(Problem requirements):
Each line in the entries below that holds the word "OPEN" belongs in the answer.

■ ■ ■ ■ ■ ■ ■

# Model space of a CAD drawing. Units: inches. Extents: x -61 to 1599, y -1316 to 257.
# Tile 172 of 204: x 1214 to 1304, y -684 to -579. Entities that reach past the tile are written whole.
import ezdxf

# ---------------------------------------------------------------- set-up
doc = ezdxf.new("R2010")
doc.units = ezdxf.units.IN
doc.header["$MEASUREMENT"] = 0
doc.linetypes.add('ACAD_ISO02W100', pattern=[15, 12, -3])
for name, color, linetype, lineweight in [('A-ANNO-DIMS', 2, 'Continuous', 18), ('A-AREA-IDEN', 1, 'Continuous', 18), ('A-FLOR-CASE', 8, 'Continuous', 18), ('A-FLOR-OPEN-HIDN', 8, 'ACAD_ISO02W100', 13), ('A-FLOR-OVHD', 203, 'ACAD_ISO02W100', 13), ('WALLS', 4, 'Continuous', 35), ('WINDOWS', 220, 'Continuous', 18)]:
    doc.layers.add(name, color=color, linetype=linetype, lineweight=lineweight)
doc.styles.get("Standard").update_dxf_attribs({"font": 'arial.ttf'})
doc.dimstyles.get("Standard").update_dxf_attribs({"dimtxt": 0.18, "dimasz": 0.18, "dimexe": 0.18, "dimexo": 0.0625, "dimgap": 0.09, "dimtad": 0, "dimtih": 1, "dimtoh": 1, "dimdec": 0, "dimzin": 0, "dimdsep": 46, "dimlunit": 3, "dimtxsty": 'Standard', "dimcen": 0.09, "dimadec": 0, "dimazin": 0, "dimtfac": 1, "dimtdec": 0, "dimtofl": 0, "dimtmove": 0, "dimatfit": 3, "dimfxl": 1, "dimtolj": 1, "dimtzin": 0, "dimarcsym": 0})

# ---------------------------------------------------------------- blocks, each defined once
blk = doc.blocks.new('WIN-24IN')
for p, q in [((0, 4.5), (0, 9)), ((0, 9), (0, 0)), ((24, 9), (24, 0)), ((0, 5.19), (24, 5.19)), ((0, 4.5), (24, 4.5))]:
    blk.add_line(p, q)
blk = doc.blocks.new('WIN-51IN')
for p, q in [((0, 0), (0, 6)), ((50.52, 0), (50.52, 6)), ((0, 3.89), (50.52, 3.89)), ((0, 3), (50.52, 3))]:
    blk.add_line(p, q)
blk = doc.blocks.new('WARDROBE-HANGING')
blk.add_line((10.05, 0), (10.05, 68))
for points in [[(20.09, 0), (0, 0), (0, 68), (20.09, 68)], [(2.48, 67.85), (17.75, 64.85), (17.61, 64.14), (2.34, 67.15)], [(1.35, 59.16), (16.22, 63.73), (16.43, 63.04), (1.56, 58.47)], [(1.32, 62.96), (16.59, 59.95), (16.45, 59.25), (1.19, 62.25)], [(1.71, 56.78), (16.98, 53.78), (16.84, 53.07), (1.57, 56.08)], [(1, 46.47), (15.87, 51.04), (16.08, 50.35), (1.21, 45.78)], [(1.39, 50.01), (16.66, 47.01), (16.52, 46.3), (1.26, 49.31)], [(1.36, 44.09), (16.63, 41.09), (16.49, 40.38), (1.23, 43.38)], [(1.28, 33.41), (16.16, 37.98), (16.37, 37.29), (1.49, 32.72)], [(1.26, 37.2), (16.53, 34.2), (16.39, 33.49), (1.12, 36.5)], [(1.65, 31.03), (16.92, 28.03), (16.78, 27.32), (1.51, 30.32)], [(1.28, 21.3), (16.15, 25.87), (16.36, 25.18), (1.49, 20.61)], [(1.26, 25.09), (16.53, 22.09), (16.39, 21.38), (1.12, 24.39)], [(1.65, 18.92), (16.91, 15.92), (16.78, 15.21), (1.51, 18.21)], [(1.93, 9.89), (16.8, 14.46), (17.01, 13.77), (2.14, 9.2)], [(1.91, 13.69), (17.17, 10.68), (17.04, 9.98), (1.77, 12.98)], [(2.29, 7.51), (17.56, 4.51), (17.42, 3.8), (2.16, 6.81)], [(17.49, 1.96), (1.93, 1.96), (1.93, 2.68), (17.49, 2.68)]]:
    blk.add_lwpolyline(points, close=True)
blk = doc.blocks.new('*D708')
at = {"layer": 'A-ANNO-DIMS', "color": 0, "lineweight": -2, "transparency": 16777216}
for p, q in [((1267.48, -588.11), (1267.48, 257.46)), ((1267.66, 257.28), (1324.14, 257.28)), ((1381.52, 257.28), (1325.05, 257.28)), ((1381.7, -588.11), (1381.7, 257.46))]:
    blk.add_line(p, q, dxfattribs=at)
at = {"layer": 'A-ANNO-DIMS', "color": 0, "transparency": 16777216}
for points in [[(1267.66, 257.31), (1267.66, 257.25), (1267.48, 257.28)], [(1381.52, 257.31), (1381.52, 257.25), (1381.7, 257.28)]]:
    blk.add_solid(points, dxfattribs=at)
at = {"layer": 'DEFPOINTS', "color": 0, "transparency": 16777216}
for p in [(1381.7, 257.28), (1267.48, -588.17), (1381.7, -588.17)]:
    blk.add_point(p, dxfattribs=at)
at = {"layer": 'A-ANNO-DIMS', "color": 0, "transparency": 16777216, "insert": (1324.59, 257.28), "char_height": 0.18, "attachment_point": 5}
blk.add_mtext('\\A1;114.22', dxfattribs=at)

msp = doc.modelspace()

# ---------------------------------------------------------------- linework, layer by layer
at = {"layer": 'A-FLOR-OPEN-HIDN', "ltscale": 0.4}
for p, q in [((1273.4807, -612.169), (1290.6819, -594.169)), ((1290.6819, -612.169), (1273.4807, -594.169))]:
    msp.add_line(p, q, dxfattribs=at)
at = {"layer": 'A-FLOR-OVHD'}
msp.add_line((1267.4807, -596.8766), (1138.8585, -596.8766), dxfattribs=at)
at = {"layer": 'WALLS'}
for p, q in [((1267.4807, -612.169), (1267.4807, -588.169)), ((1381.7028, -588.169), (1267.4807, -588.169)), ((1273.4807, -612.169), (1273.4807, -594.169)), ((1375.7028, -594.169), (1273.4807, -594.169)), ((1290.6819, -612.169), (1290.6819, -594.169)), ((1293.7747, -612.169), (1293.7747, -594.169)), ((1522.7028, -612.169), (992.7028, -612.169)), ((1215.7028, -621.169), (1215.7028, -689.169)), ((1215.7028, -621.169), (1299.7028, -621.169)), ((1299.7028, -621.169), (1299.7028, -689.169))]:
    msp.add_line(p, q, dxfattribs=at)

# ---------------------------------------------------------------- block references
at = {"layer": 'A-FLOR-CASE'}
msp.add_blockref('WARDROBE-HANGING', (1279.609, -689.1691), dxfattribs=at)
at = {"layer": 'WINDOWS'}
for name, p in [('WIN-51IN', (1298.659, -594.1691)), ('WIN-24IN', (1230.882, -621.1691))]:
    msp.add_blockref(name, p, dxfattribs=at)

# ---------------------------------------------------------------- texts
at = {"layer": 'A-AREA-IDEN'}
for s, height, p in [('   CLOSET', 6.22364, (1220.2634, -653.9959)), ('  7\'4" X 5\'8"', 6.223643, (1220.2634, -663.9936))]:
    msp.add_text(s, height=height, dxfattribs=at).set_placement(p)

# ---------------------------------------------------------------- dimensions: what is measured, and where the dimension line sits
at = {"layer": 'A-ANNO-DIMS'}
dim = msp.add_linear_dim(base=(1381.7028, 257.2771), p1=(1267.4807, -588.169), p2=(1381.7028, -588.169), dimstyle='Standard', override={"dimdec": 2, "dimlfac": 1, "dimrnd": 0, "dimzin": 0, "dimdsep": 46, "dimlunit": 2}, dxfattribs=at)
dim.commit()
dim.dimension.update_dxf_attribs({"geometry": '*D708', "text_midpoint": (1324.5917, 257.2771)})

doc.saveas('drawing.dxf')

■ ■ ■ ■ ■ ■ ■

(Exercise output):
for name, color, linetype, lineweight in [('A-ANNO-DIMS', 2, 'Continuous', 18), ('A-AREA-IDEN', 1, 'Continuous', 18), ('A-FLOR-CASE', 8, 'Continuous', 18), ('A-FLOR-OPEN-HIDN', 8, 'ACAD_ISO02W100', 13), ('A-FLOR-OVHD', 203, 'ACAD_ISO02W100', 13), ('WALLS', 4, 'Continuous', 35), ('WINDOWS', 220, 'Continuous', 18)]:
at = {"layer": 'A-FLOR-OPEN-HIDN', "ltscale": 0.4}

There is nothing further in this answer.